╔══

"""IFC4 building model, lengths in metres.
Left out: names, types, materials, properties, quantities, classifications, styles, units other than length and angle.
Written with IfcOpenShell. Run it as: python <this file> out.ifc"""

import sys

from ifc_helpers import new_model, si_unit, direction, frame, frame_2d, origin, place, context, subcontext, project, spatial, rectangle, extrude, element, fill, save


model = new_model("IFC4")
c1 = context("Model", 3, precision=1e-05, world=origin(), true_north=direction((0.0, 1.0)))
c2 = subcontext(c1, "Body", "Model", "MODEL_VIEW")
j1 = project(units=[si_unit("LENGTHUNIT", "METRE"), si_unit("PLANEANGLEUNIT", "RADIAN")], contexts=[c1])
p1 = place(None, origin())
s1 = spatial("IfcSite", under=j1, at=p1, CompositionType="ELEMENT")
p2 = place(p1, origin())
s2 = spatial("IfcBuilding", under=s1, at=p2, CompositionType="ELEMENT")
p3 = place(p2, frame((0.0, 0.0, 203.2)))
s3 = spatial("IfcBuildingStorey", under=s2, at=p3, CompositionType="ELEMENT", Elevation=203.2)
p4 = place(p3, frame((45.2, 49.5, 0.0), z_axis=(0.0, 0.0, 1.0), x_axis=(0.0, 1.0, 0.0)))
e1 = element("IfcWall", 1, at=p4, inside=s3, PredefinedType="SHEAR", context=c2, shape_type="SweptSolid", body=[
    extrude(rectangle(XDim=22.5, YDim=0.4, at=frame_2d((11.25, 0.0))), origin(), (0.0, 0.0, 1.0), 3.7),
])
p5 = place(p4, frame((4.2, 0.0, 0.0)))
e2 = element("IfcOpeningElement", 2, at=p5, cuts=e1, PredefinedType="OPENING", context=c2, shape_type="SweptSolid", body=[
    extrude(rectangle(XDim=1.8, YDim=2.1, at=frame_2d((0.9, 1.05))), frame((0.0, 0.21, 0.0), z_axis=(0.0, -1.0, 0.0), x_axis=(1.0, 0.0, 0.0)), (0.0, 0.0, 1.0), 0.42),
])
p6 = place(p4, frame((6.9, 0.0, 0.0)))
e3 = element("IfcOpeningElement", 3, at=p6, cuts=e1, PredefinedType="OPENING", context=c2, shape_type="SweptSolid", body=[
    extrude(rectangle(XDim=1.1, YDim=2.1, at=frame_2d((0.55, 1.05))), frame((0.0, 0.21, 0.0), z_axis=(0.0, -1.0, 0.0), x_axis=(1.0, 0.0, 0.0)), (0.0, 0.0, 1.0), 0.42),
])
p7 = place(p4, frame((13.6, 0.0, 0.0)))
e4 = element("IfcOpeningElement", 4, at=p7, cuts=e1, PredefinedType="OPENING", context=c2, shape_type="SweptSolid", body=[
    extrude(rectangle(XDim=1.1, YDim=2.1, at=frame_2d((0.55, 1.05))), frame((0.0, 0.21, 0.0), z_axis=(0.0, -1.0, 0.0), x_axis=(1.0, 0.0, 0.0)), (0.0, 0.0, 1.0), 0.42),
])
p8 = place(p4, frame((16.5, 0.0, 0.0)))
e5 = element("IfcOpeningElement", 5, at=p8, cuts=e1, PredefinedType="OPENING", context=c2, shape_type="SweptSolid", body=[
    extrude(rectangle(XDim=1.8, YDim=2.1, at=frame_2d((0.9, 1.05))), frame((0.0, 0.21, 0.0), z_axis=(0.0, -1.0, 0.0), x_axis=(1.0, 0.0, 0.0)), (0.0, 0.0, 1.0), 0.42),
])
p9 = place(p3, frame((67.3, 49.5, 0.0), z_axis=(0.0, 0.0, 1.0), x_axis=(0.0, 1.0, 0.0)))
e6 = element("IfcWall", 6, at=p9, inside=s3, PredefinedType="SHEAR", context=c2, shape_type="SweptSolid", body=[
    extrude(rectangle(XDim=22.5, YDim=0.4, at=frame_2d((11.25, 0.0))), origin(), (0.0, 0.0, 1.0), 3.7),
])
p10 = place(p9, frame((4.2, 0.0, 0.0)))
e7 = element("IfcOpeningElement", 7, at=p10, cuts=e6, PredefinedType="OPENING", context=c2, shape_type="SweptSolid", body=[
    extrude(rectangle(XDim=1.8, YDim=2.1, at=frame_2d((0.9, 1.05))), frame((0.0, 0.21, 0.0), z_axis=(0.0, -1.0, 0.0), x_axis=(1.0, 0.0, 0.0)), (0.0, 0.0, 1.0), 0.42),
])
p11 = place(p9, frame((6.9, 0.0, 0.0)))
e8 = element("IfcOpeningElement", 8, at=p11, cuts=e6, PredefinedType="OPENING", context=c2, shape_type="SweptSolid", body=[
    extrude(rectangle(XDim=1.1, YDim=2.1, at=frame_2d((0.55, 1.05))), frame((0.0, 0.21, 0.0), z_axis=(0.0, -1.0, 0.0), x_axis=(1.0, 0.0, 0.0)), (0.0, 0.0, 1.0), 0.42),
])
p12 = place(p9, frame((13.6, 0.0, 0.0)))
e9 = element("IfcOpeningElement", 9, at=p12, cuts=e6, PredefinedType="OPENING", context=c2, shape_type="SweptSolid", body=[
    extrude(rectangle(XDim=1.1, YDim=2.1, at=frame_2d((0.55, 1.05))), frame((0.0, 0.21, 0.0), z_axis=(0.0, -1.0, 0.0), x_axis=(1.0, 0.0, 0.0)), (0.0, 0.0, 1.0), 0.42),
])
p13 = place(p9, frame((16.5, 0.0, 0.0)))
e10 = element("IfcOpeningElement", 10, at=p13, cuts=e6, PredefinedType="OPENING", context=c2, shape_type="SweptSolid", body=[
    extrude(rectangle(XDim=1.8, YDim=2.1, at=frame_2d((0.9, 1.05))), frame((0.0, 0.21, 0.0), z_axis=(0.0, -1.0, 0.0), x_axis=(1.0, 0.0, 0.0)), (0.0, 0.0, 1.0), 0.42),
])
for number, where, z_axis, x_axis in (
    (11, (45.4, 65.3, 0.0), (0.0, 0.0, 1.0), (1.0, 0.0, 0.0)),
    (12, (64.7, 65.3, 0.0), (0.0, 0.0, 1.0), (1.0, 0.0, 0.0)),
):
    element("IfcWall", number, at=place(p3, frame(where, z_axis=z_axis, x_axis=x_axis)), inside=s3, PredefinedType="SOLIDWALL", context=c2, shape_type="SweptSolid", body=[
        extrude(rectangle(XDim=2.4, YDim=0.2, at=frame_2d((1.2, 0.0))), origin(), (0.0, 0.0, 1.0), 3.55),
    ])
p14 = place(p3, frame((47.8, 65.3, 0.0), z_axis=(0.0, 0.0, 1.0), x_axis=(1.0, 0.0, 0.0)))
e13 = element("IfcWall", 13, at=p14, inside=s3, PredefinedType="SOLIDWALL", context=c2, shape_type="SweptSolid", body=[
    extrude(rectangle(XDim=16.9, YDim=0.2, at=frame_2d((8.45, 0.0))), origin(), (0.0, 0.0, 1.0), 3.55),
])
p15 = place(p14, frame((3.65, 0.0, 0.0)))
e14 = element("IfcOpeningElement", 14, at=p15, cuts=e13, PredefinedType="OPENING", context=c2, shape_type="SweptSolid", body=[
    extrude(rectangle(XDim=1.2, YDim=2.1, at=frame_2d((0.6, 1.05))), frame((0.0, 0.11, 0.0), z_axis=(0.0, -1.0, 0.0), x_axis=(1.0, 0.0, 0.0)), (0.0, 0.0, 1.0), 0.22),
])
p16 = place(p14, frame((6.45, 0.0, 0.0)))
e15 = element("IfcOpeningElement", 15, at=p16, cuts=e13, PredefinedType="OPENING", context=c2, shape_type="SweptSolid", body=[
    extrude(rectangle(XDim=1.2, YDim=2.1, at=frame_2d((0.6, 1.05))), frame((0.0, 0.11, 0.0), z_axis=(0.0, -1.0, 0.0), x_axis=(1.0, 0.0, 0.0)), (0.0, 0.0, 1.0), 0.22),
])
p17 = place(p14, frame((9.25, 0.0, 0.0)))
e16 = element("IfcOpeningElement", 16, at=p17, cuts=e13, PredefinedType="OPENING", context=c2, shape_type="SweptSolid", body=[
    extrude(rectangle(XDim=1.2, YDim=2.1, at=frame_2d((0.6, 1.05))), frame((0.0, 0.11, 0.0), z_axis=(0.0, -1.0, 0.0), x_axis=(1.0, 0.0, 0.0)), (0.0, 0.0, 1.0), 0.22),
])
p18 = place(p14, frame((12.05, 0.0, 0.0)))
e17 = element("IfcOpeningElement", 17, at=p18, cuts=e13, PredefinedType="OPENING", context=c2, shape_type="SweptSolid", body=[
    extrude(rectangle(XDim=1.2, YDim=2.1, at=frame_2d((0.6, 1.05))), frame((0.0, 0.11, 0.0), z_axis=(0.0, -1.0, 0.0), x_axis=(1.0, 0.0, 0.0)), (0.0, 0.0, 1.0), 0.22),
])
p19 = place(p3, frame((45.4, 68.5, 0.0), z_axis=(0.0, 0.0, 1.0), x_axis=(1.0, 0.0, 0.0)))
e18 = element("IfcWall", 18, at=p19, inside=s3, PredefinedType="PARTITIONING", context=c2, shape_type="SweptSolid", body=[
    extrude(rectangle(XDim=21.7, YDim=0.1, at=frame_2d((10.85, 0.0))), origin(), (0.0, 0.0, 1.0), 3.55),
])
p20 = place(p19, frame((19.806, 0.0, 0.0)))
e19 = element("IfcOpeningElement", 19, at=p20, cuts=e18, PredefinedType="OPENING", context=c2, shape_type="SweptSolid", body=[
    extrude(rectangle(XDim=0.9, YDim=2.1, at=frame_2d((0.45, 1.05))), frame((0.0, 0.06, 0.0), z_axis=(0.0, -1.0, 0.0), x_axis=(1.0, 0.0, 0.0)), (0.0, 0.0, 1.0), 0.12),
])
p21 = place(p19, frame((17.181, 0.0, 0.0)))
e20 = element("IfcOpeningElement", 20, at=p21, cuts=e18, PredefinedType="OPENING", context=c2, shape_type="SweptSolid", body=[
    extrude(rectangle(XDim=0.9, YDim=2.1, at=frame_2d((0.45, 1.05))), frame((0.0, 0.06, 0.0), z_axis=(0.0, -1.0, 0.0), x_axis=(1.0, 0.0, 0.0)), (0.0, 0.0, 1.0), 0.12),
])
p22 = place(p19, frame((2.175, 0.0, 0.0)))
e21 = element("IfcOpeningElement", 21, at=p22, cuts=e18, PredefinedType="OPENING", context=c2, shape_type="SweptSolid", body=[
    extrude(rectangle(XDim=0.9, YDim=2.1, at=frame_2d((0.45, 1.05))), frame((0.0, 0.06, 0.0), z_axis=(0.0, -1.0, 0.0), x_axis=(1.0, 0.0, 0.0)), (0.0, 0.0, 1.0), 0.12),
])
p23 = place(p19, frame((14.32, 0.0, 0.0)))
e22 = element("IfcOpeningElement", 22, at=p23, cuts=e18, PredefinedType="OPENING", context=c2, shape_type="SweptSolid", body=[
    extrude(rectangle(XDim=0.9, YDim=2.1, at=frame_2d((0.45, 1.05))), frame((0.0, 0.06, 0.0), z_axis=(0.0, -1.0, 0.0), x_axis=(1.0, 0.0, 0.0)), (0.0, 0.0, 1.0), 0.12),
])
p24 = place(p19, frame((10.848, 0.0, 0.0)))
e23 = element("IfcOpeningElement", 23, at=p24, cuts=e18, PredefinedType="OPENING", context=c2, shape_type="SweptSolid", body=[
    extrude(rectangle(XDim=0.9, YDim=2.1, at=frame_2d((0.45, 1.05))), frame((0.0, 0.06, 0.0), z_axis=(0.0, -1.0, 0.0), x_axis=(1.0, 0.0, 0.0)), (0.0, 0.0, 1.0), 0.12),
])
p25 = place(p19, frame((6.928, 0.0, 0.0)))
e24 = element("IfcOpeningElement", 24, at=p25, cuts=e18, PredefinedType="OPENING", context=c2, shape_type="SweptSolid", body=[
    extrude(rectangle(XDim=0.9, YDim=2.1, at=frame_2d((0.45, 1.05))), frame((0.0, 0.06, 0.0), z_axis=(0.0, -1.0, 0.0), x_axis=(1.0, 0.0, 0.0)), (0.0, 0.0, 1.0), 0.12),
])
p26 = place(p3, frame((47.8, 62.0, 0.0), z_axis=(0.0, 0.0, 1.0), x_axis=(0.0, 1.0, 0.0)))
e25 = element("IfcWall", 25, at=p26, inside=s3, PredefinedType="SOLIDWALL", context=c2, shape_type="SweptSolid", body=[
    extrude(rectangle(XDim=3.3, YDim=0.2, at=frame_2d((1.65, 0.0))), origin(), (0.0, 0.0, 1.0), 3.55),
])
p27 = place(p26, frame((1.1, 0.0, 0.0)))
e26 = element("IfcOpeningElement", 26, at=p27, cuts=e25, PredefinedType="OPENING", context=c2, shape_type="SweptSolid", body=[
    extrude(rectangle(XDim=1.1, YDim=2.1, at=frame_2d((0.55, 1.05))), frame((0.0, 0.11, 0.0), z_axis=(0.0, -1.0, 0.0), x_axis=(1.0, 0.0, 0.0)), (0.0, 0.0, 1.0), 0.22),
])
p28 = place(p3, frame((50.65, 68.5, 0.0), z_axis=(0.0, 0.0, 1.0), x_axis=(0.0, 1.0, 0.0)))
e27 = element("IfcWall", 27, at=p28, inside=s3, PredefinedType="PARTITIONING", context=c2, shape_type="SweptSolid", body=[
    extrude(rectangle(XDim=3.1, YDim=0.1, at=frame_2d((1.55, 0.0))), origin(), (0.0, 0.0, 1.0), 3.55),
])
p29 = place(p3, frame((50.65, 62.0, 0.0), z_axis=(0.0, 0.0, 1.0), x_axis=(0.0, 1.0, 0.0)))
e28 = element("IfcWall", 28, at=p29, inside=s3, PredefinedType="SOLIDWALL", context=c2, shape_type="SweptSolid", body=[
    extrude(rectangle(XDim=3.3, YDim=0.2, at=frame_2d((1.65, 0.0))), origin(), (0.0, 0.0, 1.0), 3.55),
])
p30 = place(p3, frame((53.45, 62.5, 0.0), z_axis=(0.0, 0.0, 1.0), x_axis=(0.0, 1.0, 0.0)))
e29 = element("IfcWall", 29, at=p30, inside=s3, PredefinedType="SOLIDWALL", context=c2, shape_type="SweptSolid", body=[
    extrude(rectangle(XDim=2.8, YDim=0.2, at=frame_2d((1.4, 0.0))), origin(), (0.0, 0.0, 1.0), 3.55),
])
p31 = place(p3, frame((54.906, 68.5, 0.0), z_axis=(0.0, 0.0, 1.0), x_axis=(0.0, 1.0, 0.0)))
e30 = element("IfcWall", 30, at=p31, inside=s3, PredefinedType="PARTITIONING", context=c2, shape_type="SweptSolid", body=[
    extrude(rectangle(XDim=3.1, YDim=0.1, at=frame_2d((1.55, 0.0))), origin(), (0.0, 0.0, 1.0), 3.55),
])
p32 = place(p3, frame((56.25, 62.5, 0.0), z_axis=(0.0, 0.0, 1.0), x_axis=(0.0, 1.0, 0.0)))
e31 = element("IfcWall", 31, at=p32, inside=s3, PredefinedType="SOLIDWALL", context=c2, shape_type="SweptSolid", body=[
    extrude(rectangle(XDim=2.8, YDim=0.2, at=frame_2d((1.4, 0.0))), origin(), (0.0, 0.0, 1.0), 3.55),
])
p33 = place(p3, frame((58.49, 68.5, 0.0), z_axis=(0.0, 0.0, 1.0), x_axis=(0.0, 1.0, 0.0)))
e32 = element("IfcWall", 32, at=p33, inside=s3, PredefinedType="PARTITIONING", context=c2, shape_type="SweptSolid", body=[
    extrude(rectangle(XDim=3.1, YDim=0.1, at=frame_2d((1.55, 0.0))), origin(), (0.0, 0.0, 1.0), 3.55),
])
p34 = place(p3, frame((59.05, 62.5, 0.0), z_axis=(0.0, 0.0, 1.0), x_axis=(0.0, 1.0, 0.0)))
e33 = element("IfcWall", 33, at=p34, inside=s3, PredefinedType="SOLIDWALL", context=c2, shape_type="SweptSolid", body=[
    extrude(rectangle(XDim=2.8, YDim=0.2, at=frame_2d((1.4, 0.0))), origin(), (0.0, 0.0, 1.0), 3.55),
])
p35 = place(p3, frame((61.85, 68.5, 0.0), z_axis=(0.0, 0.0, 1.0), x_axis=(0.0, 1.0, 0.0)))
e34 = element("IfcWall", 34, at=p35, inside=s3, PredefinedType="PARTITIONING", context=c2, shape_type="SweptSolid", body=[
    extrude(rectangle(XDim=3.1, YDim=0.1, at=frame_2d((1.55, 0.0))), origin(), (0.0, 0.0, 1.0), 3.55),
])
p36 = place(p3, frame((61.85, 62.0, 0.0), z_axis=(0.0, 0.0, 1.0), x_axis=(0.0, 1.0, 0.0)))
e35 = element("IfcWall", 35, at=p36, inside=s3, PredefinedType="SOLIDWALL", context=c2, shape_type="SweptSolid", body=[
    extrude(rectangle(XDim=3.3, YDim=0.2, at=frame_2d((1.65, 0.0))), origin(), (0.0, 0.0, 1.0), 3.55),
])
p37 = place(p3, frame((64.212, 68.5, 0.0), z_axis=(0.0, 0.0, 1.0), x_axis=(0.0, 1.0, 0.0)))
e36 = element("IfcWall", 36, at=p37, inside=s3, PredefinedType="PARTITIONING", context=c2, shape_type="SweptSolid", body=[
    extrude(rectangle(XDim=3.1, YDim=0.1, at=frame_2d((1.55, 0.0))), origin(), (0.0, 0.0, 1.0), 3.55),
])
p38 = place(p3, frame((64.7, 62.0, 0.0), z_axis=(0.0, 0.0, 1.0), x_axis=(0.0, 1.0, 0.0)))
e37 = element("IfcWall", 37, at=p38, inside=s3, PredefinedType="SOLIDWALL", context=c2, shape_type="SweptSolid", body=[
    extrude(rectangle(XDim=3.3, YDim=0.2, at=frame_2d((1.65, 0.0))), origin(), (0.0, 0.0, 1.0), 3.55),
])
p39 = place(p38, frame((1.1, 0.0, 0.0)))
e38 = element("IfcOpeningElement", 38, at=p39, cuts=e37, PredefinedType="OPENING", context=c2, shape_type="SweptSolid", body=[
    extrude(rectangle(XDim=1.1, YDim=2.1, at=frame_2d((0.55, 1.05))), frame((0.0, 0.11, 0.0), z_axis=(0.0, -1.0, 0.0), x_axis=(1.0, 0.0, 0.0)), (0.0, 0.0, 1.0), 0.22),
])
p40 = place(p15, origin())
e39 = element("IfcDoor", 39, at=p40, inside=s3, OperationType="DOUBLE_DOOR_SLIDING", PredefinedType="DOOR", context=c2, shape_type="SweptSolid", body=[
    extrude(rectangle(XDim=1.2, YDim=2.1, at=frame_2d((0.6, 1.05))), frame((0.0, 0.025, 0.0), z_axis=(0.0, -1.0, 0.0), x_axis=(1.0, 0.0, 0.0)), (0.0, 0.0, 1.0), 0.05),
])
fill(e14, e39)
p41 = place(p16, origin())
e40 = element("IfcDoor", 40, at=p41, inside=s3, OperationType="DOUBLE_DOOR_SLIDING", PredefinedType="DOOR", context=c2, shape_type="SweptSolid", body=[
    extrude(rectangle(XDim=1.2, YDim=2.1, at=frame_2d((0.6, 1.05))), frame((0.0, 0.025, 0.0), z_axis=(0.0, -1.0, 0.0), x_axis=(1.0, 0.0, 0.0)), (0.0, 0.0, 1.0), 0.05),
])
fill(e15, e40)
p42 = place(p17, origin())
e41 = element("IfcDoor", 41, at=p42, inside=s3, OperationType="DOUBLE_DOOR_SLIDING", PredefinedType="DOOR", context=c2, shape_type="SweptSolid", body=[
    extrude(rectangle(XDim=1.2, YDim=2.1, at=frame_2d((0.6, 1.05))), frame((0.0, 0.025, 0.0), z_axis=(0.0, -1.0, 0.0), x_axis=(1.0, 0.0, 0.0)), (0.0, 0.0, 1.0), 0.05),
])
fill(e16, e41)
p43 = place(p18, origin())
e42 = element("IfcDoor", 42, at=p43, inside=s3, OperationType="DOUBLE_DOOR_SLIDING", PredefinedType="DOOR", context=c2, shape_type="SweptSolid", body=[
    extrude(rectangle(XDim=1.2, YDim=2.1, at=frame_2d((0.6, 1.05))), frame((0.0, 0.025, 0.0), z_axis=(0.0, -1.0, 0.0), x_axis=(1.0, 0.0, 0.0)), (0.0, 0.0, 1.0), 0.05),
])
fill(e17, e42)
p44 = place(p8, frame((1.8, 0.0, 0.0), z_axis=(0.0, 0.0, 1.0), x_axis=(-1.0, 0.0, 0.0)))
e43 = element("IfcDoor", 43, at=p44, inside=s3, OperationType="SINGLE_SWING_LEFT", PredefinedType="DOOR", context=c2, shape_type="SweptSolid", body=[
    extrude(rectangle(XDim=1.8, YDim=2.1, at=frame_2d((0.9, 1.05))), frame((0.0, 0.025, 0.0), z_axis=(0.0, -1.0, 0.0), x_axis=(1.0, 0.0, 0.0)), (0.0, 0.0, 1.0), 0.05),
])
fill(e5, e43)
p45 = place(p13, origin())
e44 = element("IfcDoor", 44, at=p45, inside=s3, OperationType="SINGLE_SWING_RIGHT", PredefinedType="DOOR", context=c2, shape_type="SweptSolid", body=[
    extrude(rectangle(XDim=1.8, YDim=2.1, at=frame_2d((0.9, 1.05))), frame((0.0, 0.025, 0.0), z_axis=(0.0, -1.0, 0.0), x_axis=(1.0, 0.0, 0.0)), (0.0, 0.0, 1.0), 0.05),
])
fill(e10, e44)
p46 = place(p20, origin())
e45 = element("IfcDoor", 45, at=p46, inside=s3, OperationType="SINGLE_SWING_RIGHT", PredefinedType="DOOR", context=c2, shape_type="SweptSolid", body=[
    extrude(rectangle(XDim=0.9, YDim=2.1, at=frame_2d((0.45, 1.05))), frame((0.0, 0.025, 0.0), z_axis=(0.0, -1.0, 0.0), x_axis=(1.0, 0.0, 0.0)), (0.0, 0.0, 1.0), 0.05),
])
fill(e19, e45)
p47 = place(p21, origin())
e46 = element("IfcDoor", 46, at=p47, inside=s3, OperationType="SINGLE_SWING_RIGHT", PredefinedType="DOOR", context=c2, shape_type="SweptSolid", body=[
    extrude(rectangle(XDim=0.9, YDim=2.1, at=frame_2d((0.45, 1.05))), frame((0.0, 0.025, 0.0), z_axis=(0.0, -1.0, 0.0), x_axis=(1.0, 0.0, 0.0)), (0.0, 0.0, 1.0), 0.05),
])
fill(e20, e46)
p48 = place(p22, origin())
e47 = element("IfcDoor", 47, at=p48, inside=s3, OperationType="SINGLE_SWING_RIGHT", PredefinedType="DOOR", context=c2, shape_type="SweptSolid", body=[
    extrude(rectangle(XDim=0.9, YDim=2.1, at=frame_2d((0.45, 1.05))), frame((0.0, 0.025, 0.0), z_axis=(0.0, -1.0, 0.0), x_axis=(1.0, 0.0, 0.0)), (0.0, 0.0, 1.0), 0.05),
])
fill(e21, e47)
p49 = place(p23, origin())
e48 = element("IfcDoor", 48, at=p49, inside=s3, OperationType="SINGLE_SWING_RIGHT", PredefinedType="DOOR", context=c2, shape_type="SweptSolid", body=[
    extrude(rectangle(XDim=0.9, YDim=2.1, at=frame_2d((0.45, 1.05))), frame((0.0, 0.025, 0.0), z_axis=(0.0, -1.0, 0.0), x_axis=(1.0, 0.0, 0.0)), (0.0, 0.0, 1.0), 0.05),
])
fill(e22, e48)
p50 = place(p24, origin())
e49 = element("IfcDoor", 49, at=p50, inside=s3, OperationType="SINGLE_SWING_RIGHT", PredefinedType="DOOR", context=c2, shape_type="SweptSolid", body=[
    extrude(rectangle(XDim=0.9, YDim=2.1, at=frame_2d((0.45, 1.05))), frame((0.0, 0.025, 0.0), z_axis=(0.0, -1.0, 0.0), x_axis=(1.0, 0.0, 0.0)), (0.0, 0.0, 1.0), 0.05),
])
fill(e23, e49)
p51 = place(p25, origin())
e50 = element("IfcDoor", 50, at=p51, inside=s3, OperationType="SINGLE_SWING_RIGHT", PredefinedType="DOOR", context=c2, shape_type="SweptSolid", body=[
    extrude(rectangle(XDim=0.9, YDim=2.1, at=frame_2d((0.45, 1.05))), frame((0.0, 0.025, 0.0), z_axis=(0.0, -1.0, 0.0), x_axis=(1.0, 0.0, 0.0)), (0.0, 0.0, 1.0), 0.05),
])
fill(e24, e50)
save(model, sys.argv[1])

╚══

TASK OBJECTIVE =>
Lines in the material above that include the string "under" should be listed.

RESULT =>
s1 = spatial("IfcSite", under=j1, at=p1, CompositionType="ELEMENT")
s2 = spatial("IfcBuilding", under=s1, at=p2, CompositionType="ELEMENT")
s3 = spatial("IfcBuildingStorey", under=s2, at=p3, CompositionType="ELEMENT", Elevation=203.2)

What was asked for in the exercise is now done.